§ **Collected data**
++++

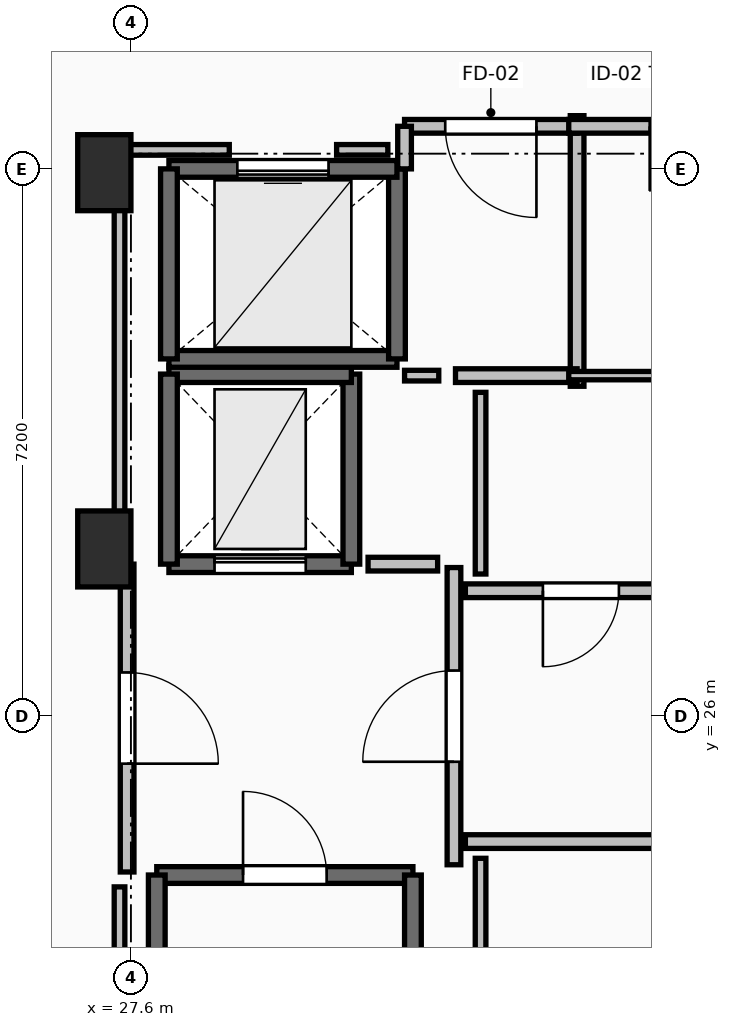
"""IFC4 building model, lengths in metres.
Left out: names, types, materials, properties, quantities, classifications, styles, units other than length and angle.
Written with IfcOpenShell. Run it as: python <this file> out.ifc"""

import sys

from ifc_helpers import new_model, si_unit, direction, frame, frame_2d, origin, origin_2d, place, context, subcontext, project, spatial, rectangle, extrude, element, fill, save


model = new_model("IFC4")
c1 = context("Model", 3, precision=1e-05, world=origin(), true_north=direction((0.0, 1.0)))
c2 = subcontext(c1, "Body", "Model", "MODEL_VIEW")
j1 = project(units=[si_unit("LENGTHUNIT", "METRE"), si_unit("PLANEANGLEUNIT", "RADIAN")], contexts=[c1])
p1 = place(None, origin())
s1 = spatial("IfcSite", under=j1, at=p1, CompositionType="ELEMENT")
p2 = place(p1, origin())
s2 = spatial("IfcBuilding", under=s1, at=p2, CompositionType="ELEMENT")
p3 = place(p2, frame((0.0, 0.0, 262.65)))
s3 = spatial("IfcBuildingStorey", under=s2, at=p3, CompositionType="ELEMENT", Elevation=262.65)
for number, where, z_axis, x_axis in (
    (1, (27.25, 28.2, 0.0), (0.0, 0.0, 1.0), (1.0, 0.0, 0.0)),
    (2, (27.25, 33.15, 0.0), (0.0, 0.0, 1.0), (1.0, 0.0, 0.0)),
):
    element("IfcColumn", number, at=place(p3, frame(where, z_axis=z_axis, x_axis=x_axis)), inside=s3, PredefinedType="PILASTER", context=c2, shape_type="SweptSolid", body=[
        extrude(rectangle(XDim=0.7, YDim=1.0, at=origin_2d()), origin(), (0.0, 0.0, 1.0), 3.55),
    ])
p4 = place(p3, frame((27.94, 23.91, 0.0), z_axis=(0.0, 0.0, 1.0), x_axis=(1.0, 0.0, 0.0)))
e3 = element("IfcWall", 3, at=p4, inside=s3, PredefinedType="SOLIDWALL", context=c2, shape_type="SweptSolid", body=[
    extrude(rectangle(XDim=3.37, YDim=0.22, at=frame_2d((1.685, 0.0))), origin(), (0.0, 0.0, 1.0), 3.29),
])
p5 = place(p4, frame((1.135, 0.0, 0.0)))
e4 = element("IfcOpeningElement", 4, at=p5, cuts=e3, PredefinedType="OPENING", context=c2, shape_type="SweptSolid", body=[
    extrude(rectangle(XDim=1.1, YDim=2.15, at=frame_2d((0.55, 1.075))), frame((0.0, 0.125, 0.0), z_axis=(0.0, -1.0, 0.0), x_axis=(1.0, 0.0, 0.0)), (0.0, 0.0, 1.0), 0.25),
])
for number, where, z_axis, x_axis in (
    (5, (31.31, 23.91, 0.0), (0.0, 0.0, 1.0), (0.0, -1.0, 0.0)),
    (6, (27.94, 16.49, 0.0), (0.0, 0.0, 1.0), (0.0, 1.0, 0.0)),
):
    element("IfcWall", number, at=place(p3, frame(where, z_axis=z_axis, x_axis=x_axis)), inside=s3, PredefinedType="SOLIDWALL", context=c2, shape_type="SweptSolid", body=[
        extrude(rectangle(XDim=7.42, YDim=0.22, at=frame_2d((3.71, 0.0))), origin(), (0.0, 0.0, 1.0), 3.29),
    ])
p6 = place(p3, frame((28.1, 28.0, 0.0), z_axis=(0.0, 0.0, 1.0), x_axis=(1.0, 0.0, 0.0)))
e7 = element("IfcWall", 7, at=p6, inside=s3, PredefinedType="SHEAR", context=c2, shape_type="SweptSolid", body=[
    extrude(rectangle(XDim=2.4, YDim=0.22, at=frame_2d((1.2, 0.0))), origin(), (0.0, 0.0, 1.0), 3.29),
])
p7 = place(p6, frame((0.6, 0.0, 0.0)))
e8 = element("IfcOpeningElement", 8, at=p7, cuts=e7, PredefinedType="OPENING", context=c2, shape_type="SweptSolid", body=[
    extrude(rectangle(XDim=1.2, YDim=2.2, at=frame_2d((0.6, 1.1))), frame((0.0, 0.125, 0.0), z_axis=(0.0, -1.0, 0.0), x_axis=(1.0, 0.0, 0.0)), (0.0, 0.0, 1.0), 0.25),
])
p8 = place(p3, frame((30.5, 28.0, 0.0), z_axis=(0.0, 0.0, 1.0), x_axis=(0.0, 1.0, 0.0)))
e9 = element("IfcWall", 9, at=p8, inside=s3, PredefinedType="SHEAR", context=c2, shape_type="SweptSolid", body=[
    extrude(rectangle(XDim=2.5, YDim=0.22, at=frame_2d((1.25, 0.0))), origin(), (0.0, 0.0, 1.0), 3.29),
])
p9 = place(p3, frame((30.5, 30.5, 0.0), z_axis=(0.0, 0.0, 1.0), x_axis=(-1.0, 0.0, 0.0)))
e10 = element("IfcWall", 10, at=p9, inside=s3, PredefinedType="SHEAR", context=c2, shape_type="SweptSolid", body=[
    extrude(rectangle(XDim=2.4, YDim=0.22, at=frame_2d((1.2, 0.0))), origin(), (0.0, 0.0, 1.0), 3.29),
])
p10 = place(p3, frame((28.1, 30.5, 0.0), z_axis=(0.0, 0.0, 1.0), x_axis=(0.0, -1.0, 0.0)))
e11 = element("IfcWall", 11, at=p10, inside=s3, PredefinedType="SHEAR", context=c2, shape_type="SweptSolid", body=[
    extrude(rectangle(XDim=2.5, YDim=0.22, at=frame_2d((1.25, 0.0))), origin(), (0.0, 0.0, 1.0), 3.29),
])
p11 = place(p3, frame((28.1, 30.7, 0.0), z_axis=(0.0, 0.0, 1.0), x_axis=(1.0, 0.0, 0.0)))
e12 = element("IfcWall", 12, at=p11, inside=s3, PredefinedType="SOLIDWALL", context=c2, shape_type="SweptSolid", body=[
    extrude(rectangle(XDim=3.0, YDim=0.22, at=frame_2d((1.5, 0.0))), origin(), (0.0, 0.0, 1.0), 3.29),
])
p12 = place(p3, frame((31.1, 30.7, 0.0), z_axis=(0.0, 0.0, 1.0), x_axis=(0.0, 1.0, 0.0)))
e13 = element("IfcWall", 13, at=p12, inside=s3, PredefinedType="SOLIDWALL", context=c2, shape_type="SweptSolid", body=[
    extrude(rectangle(XDim=2.5, YDim=0.22, at=frame_2d((1.25, 0.0))), origin(), (0.0, 0.0, 1.0), 3.29),
])
p13 = place(p3, frame((31.1, 33.2, 0.0), z_axis=(0.0, 0.0, 1.0), x_axis=(-1.0, 0.0, 0.0)))
e14 = element("IfcWall", 14, at=p13, inside=s3, PredefinedType="SOLIDWALL", context=c2, shape_type="SweptSolid", body=[
    extrude(rectangle(XDim=3.0, YDim=0.22, at=frame_2d((1.5, 0.0))), origin(), (0.0, 0.0, 1.0), 3.29),
])
p14 = place(p13, frame((0.9, 0.0, 0.0)))
e15 = element("IfcOpeningElement", 15, at=p14, cuts=e14, PredefinedType="OPENING", context=c2, shape_type="SweptSolid", body=[
    extrude(rectangle(XDim=1.2, YDim=2.2, at=frame_2d((0.6, 1.1))), frame((0.0, 0.125, 0.0), z_axis=(0.0, -1.0, 0.0), x_axis=(1.0, 0.0, 0.0)), (0.0, 0.0, 1.0), 0.25),
])
p15 = place(p3, frame((28.1, 33.2, 0.0), z_axis=(0.0, 0.0, 1.0), x_axis=(0.0, -1.0, 0.0)))
e16 = element("IfcWall", 16, at=p15, inside=s3, PredefinedType="SOLIDWALL", context=c2, shape_type="SweptSolid", body=[
    extrude(rectangle(XDim=2.5, YDim=0.22, at=frame_2d((1.25, 0.0))), origin(), (0.0, 0.0, 1.0), 3.29),
])
p16 = place(p3, frame((31.85, 24.045, 0.0), z_axis=(0.0, 0.0, 1.0), x_axis=(0.0, 1.0, 0.0)))
e17 = element("IfcWall", 17, at=p16, inside=s3, PredefinedType="PARTITIONING", context=c2, shape_type="SweptSolid", body=[
    extrude(rectangle(XDim=3.91, YDim=0.18, at=frame_2d((1.955, 0.0))), origin(), (0.0, 0.0, 1.0), 3.29),
])
p17 = place(p16, frame((1.355, 0.0, 0.0)))
e18 = element("IfcOpeningElement", 18, at=p17, cuts=e17, PredefinedType="OPENING", context=c2, shape_type="SweptSolid", body=[
    extrude(rectangle(XDim=1.2, YDim=2.15, at=frame_2d((0.6, 1.075))), frame((0.0, 0.105, 0.0), z_axis=(0.0, -1.0, 0.0), x_axis=(1.0, 0.0, 0.0)), (0.0, 0.0, 1.0), 0.21),
])
p18 = place(p3, frame((27.55, 28.0, 0.0), z_axis=(0.0, 0.0, 1.0), x_axis=(0.0, -1.0, 0.0)))
e19 = element("IfcWall", 19, at=p18, inside=s3, PredefinedType="PARTITIONING", context=c2, shape_type="SweptSolid", body=[
    extrude(rectangle(XDim=4.05, YDim=0.18, at=frame_2d((2.025, 0.0))), origin(), (0.0, 0.0, 1.0), 3.29),
])
p19 = place(p18, frame((1.425, 0.0, 0.0)))
e20 = element("IfcOpeningElement", 20, at=p19, cuts=e19, PredefinedType="OPENING", context=c2, shape_type="SweptSolid", body=[
    extrude(rectangle(XDim=1.2, YDim=2.15, at=frame_2d((0.6, 1.075))), frame((0.0, 0.105, 0.0), z_axis=(0.0, -1.0, 0.0), x_axis=(1.0, 0.0, 0.0)), (0.0, 0.0, 1.0), 0.21),
])
p20 = place(p3, frame((33.47, 30.34, 0.0), z_axis=(0.0, 0.0, 1.0), x_axis=(0.0, 1.0, 0.0)))
e21 = element("IfcWall", 21, at=p20, inside=s3, PredefinedType="PARTITIONING", context=c2, shape_type="SweptSolid", body=[
    extrude(rectangle(XDim=3.56, YDim=0.18, at=frame_2d((1.78, 0.0))), origin(), (0.0, 0.0, 1.0), 3.29),
])
p21 = place(p3, frame((31.87, 30.48, 0.0), z_axis=(0.0, 0.0, 1.0), x_axis=(1.0, 0.0, 0.0)))
e22 = element("IfcWall", 22, at=p21, inside=s3, PredefinedType="PARTITIONING", context=c2, shape_type="SweptSolid", body=[
    extrude(rectangle(XDim=1.6, YDim=0.18, at=frame_2d((0.8, 0.0))), origin(), (0.0, 0.0, 1.0), 3.29),
])
p22 = place(p3, frame((33.47, 33.76, 0.0), z_axis=(0.0, 0.0, 1.0), x_axis=(-1.0, 0.0, 0.0)))
e23 = element("IfcWall", 23, at=p22, inside=s3, PredefinedType="PARTITIONING", context=c2, shape_type="SweptSolid", body=[
    extrude(rectangle(XDim=2.27, YDim=0.18, at=frame_2d((1.135, 0.0))), origin(), (0.0, 0.0, 1.0), 3.29),
])
p23 = place(p22, frame((0.535, 0.0, 0.0)))
e24 = element("IfcOpeningElement", 24, at=p23, cuts=e23, PredefinedType="OPENING", context=c2, shape_type="SweptSolid", body=[
    extrude(rectangle(XDim=1.2, YDim=2.15, at=frame_2d((0.6, 1.075))), frame((0.0, 0.105, 0.0), z_axis=(0.0, -1.0, 0.0), x_axis=(1.0, 0.0, 0.0)), (0.0, 0.0, 1.0), 0.21),
])
p24 = place(p3, frame((31.2, 33.76, 0.0), z_axis=(0.0, 0.0, 1.0), x_axis=(0.0, -1.0, 0.0)))
e25 = element("IfcWall", 25, at=p24, inside=s3, PredefinedType="PARTITIONING", context=c2, shape_type="SweptSolid", body=[
    extrude(rectangle(XDim=0.56, YDim=0.18, at=frame_2d((0.28, 0.0))), origin(), (0.0, 0.0, 1.0), 3.29),
])
p25 = place(p3, frame((35.04, 27.65, 0.0), z_axis=(0.0, 0.0, 1.0), x_axis=(-1.0, 0.0, 0.0)))
e26 = element("IfcWall", 26, at=p25, inside=s3, PredefinedType="PARTITIONING", context=c2, shape_type="SweptSolid", body=[
    extrude(rectangle(XDim=3.04, YDim=0.18, at=frame_2d((1.52, 0.0))), origin(), (0.0, 0.0, 1.0), 3.29),
])
p26 = place(p25, frame((1.02, 0.0, 0.0)))
e27 = element("IfcOpeningElement", 27, at=p26, cuts=e26, PredefinedType="OPENING", context=c2, shape_type="SweptSolid", body=[
    extrude(rectangle(XDim=1.0, YDim=2.15, at=frame_2d((0.5, 1.075))), frame((0.0, 0.105, 0.0), z_axis=(0.0, -1.0, 0.0), x_axis=(1.0, 0.0, 0.0)), (0.0, 0.0, 1.0), 0.21),
])
p27 = place(p3, frame((32.0, 24.35, 0.0), z_axis=(0.0, 0.0, 1.0), x_axis=(1.0, 0.0, 0.0)))
e28 = element("IfcWall", 28, at=p27, inside=s3, PredefinedType="PARTITIONING", context=c2, shape_type="SweptSolid", body=[
    extrude(rectangle(XDim=6.645, YDim=0.18, at=frame_2d((3.323, 0.0))), origin(), (0.0, 0.0, 1.0), 3.29),
])
p28 = place(p27, frame((2.897, 0.0, 0.0)))
e29 = element("IfcOpeningElement", 29, at=p28, cuts=e28, PredefinedType="OPENING", context=c2, shape_type="SweptSolid", body=[
    extrude(rectangle(XDim=0.85, YDim=2.1, at=frame_2d((0.425, 1.05))), frame((0.0, 0.105, 0.0), z_axis=(0.0, -1.0, 0.0), x_axis=(1.0, 0.0, 0.0)), (0.0, 0.0, 1.0), 0.21),
])
p29 = place(p3, frame((33.36, 30.48, 0.0), z_axis=(0.0, 0.0, 1.0), x_axis=(1.0, 0.0, 0.0)))
e30 = element("IfcWall", 30, at=p29, inside=s3, PredefinedType="PARTITIONING", context=c2, shape_type="SweptSolid", body=[
    extrude(rectangle(XDim=1.81, YDim=0.11, at=frame_2d((0.905, 0.0))), origin(), (0.0, 0.0, 1.0), 3.29),
])
p30 = place(p3, frame((36.34, 33.76, 0.0), z_axis=(0.0, 0.0, 1.0), x_axis=(-1.0, 0.0, 0.0)))
e31 = element("IfcWall", 31, at=p30, inside=s3, PredefinedType="PARTITIONING", context=c2, shape_type="SweptSolid", body=[
    extrude(rectangle(XDim=2.98, YDim=0.18, at=frame_2d((1.49, 0.0))), origin(), (0.0, 0.0, 1.0), 3.29),
])
p31 = place(p30, frame((1.065, 0.0, 0.0)))
e32 = element("IfcOpeningElement", 32, at=p31, cuts=e31, PredefinedType="OPENING", context=c2, shape_type="SweptSolid", body=[
    extrude(rectangle(XDim=0.85, YDim=2.1, at=frame_2d((0.425, 1.05))), frame((0.0, 0.105, 0.0), z_axis=(0.0, -1.0, 0.0), x_axis=(1.0, 0.0, 0.0)), (0.0, 0.0, 1.0), 0.21),
])
p32 = place(p3, frame((31.635, 28.0, 0.0), z_axis=(0.0, 0.0, 1.0), x_axis=(-1.0, 0.0, 0.0)))
e33 = element("IfcWall", 33, at=p32, inside=s3, PredefinedType="PARTITIONING", context=c2, shape_type="SweptSolid", body=[
    extrude(rectangle(XDim=0.915, YDim=0.18, at=frame_2d((0.458, 0.0))), origin(), (0.0, 0.0, 1.0), 3.29),
])
p33 = place(p3, frame((31.2, 30.48, 0.0), z_axis=(0.0, 0.0, 1.0), x_axis=(1.0, 0.0, 0.0)))
e34 = element("IfcWall", 34, at=p33, inside=s3, PredefinedType="PARTITIONING", context=c2, shape_type="SweptSolid", body=[
    extrude(rectangle(XDim=0.45, YDim=0.14, at=frame_2d((0.225, 0.0))), origin(), (0.0, 0.0, 1.0), 3.29),
])
p34 = place(p3, frame((32.2, 30.26, 0.0), z_axis=(0.0, 0.0, 1.0), x_axis=(0.0, -1.0, 0.0)))
e35 = element("IfcWall", 35, at=p34, inside=s3, PredefinedType="PARTITIONING", context=c2, shape_type="SweptSolid", body=[
    extrude(rectangle(XDim=2.39, YDim=0.14, at=frame_2d((1.195, 0.0))), origin(), (0.0, 0.0, 1.0), 3.29),
])
p35 = place(p3, frame((32.2, 24.13, 0.0), z_axis=(0.0, 0.0, 1.0), x_axis=(0.0, -1.0, 0.0)))
e36 = element("IfcWall", 36, at=p35, inside=s3, PredefinedType="PARTITIONING", context=c2, shape_type="SweptSolid", body=[
    extrude(rectangle(XDim=2.46, YDim=0.14, at=frame_2d((1.23, 0.0))), origin(), (0.0, 0.0, 1.0), 2.482),
])
p36 = place(p3, frame((30.98, 33.45, 0.0), z_axis=(0.0, 0.0, 1.0), x_axis=(-1.0, 0.0, 0.0)))
e37 = element("IfcWall", 37, at=p36, inside=s3, PredefinedType="PARTITIONING", context=c2, shape_type="SweptSolid", body=[
    extrude(rectangle(XDim=0.674, YDim=0.14, at=frame_2d((0.337, 0.0))), origin(), (0.0, 0.0, 1.0), 3.29),
])
p37 = place(p3, frame((28.894, 33.45, 0.0), z_axis=(0.0, 0.0, 1.0), x_axis=(-1.0, 0.0, 0.0)))
e38 = element("IfcWall", 38, at=p37, inside=s3, PredefinedType="PARTITIONING", context=c2, shape_type="SweptSolid", body=[
    extrude(rectangle(XDim=1.444, YDim=0.14, at=frame_2d((0.722, 0.0))), origin(), (0.0, 0.0, 1.0), 2.482),
])
p38 = place(p3, frame((27.45, 33.45, 0.0), z_axis=(0.0, 0.0, 1.0), x_axis=(0.0, -1.0, 0.0)))
e39 = element("IfcWall", 39, at=p38, inside=s3, PredefinedType="PARTITIONING", context=c2, shape_type="SweptSolid", body=[
    extrude(rectangle(XDim=5.254, YDim=0.14, at=frame_2d((2.627, 0.0))), origin(), (0.0, 0.0, 1.0), 2.482),
])
p39 = place(p3, frame((27.45, 23.754, 0.0), z_axis=(0.0, 0.0, 1.0), x_axis=(0.0, -1.0, 0.0)))
e40 = element("IfcWall", 40, at=p39, inside=s3, PredefinedType="PARTITIONING", context=c2, shape_type="SweptSolid", body=[
    extrude(rectangle(XDim=7.514, YDim=0.14, at=frame_2d((3.757, 0.0))), origin(), (0.0, 0.0, 1.0), 2.482),
])
p40 = place(p5, origin())
e41 = element("IfcDoor", 41, at=p40, inside=s3, OperationType="SINGLE_SWING_LEFT", PredefinedType="DOOR", context=c2, shape_type="SweptSolid", body=[
    extrude(rectangle(XDim=1.1, YDim=2.15, at=frame_2d((0.55, 1.075))), frame((0.0, 0.025, 0.0), z_axis=(0.0, -1.0, 0.0), x_axis=(1.0, 0.0, 0.0)), (0.0, 0.0, 1.0), 0.05),
])
fill(e4, e41)
p41 = place(p7, origin())
e42 = element("IfcDoor", 42, at=p41, inside=s3, OperationType="SLIDING_TO_LEFT", PredefinedType="DOOR", context=c2, shape_type="SweptSolid", body=[
    extrude(rectangle(XDim=1.2, YDim=2.2, at=frame_2d((0.6, 1.1))), frame((0.0, 0.025, 0.0), z_axis=(0.0, -1.0, 0.0), x_axis=(1.0, 0.0, 0.0)), (0.0, 0.0, 1.0), 0.05),
])
fill(e8, e42)
p42 = place(p14, origin())
e43 = element("IfcDoor", 43, at=p42, inside=s3, OperationType="SLIDING_TO_LEFT", PredefinedType="DOOR", context=c2, shape_type="SweptSolid", body=[
    extrude(rectangle(XDim=1.2, YDim=2.2, at=frame_2d((0.6, 1.1))), frame((0.0, 0.025, 0.0), z_axis=(0.0, -1.0, 0.0), x_axis=(1.0, 0.0, 0.0)), (0.0, 0.0, 1.0), 0.05),
])
fill(e15, e43)
p43 = place(p17, origin())
e44 = element("IfcDoor", 44, at=p43, inside=s3, OperationType="SINGLE_SWING_LEFT", PredefinedType="DOOR", context=c2, shape_type="SweptSolid", body=[
    extrude(rectangle(XDim=1.2, YDim=2.15, at=frame_2d((0.6, 1.075))), frame((0.0, 0.025, 0.0), z_axis=(0.0, -1.0, 0.0), x_axis=(1.0, 0.0, 0.0)), (0.0, 0.0, 1.0), 0.05),
])
fill(e18, e44)
p44 = place(p19, origin())
e45 = element("IfcDoor", 45, at=p44, inside=s3, OperationType="SINGLE_SWING_RIGHT", PredefinedType="DOOR", context=c2, shape_type="SweptSolid", body=[
    extrude(rectangle(XDim=1.2, YDim=2.15, at=frame_2d((0.6, 1.075))), frame((0.0, 0.025, 0.0), z_axis=(0.0, -1.0, 0.0), x_axis=(1.0, 0.0, 0.0)), (0.0, 0.0, 1.0), 0.05),
])
fill(e20, e45)
p45 = place(p23, origin())
e46 = element("IfcDoor", 46, at=p45, inside=s3, OperationType="SINGLE_SWING_LEFT", PredefinedType="DOOR", context=c2, shape_type="SweptSolid", body=[
    extrude(rectangle(XDim=1.2, YDim=2.15, at=frame_2d((0.6, 1.075))), frame((0.0, 0.025, 0.0), z_axis=(0.0, -1.0, 0.0), x_axis=(1.0, 0.0, 0.0)), (0.0, 0.0, 1.0), 0.05),
])
fill(e24, e46)
p46 = place(p26, origin())
e47 = element("IfcDoor", 47, at=p46, inside=s3, OperationType="SINGLE_SWING_RIGHT", PredefinedType="DOOR", context=c2, shape_type="SweptSolid", body=[
    extrude(rectangle(XDim=1.0, YDim=2.15, at=frame_2d((0.5, 1.075))), frame((0.0, 0.025, 0.0), z_axis=(0.0, -1.0, 0.0), x_axis=(1.0, 0.0, 0.0)), (0.0, 0.0, 1.0), 0.05),
])
fill(e27, e47)
p47 = place(p31, origin())
e48 = element("IfcDoor", 48, at=p47, inside=s3, OperationType="SINGLE_SWING_RIGHT", PredefinedType="DOOR", context=c2, shape_type="SweptSolid", body=[
    extrude(rectangle(XDim=0.85, YDim=2.1, at=frame_2d((0.425, 1.05))), frame((0.0, 0.025, 0.0), z_axis=(0.0, -1.0, 0.0), x_axis=(1.0, 0.0, 0.0)), (0.0, 0.0, 1.0), 0.05),
])
fill(e32, e48)
save(model, sys.argv[1])

++++

§ **ACTIVITY**
Filter the records above and copy every line that contains the word "IfcDoor".

§ **TASK RESPONSE**
e41 = element("IfcDoor", 41, at=p40, inside=s3, OperationType="SINGLE_SWING_LEFT", PredefinedType="DOOR", context=c2, shape_type="SweptSolid", body=[
e42 = element("IfcDoor", 42, at=p41, inside=s3, OperationType="SLIDING_TO_LEFT", PredefinedType="DOOR", context=c2, shape_type="SweptSolid", body=[
e43 = element("IfcDoor", 43, at=p42, inside=s3, OperationType="SLIDING_TO_LEFT", PredefinedType="DOOR", context=c2, shape_type="SweptSolid", body=[
e44 = element("IfcDoor", 44, at=p43, inside=s3, OperationType="SINGLE_SWING_LEFT", PredefinedType="DOOR", context=c2, shape_type="SweptSolid", body=[
e45 = element("IfcDoor", 45, at=p44, inside=s3, OperationType="SINGLE_SWING_RIGHT", PredefinedType="DOOR", context=c2, shape_type="SweptSolid", body=[
e46 = element("IfcDoor", 46, at=p45, inside=s3, OperationType="SINGLE_SWING_LEFT", PredefinedType="DOOR", context=c2, shape_type="SweptSolid", body=[
e47 = element("IfcDoor", 47, at=p46, inside=s3, OperationType="SINGLE_SWING_RIGHT", PredefinedType="DOOR", context=c2, shape_type="SweptSolid", body=[
e48 = element("IfcDoor", 48, at=p47, inside=s3, OperationType="SINGLE_SWING_RIGHT", PredefinedType="DOOR", context=c2, shape_type="SweptSolid", body=[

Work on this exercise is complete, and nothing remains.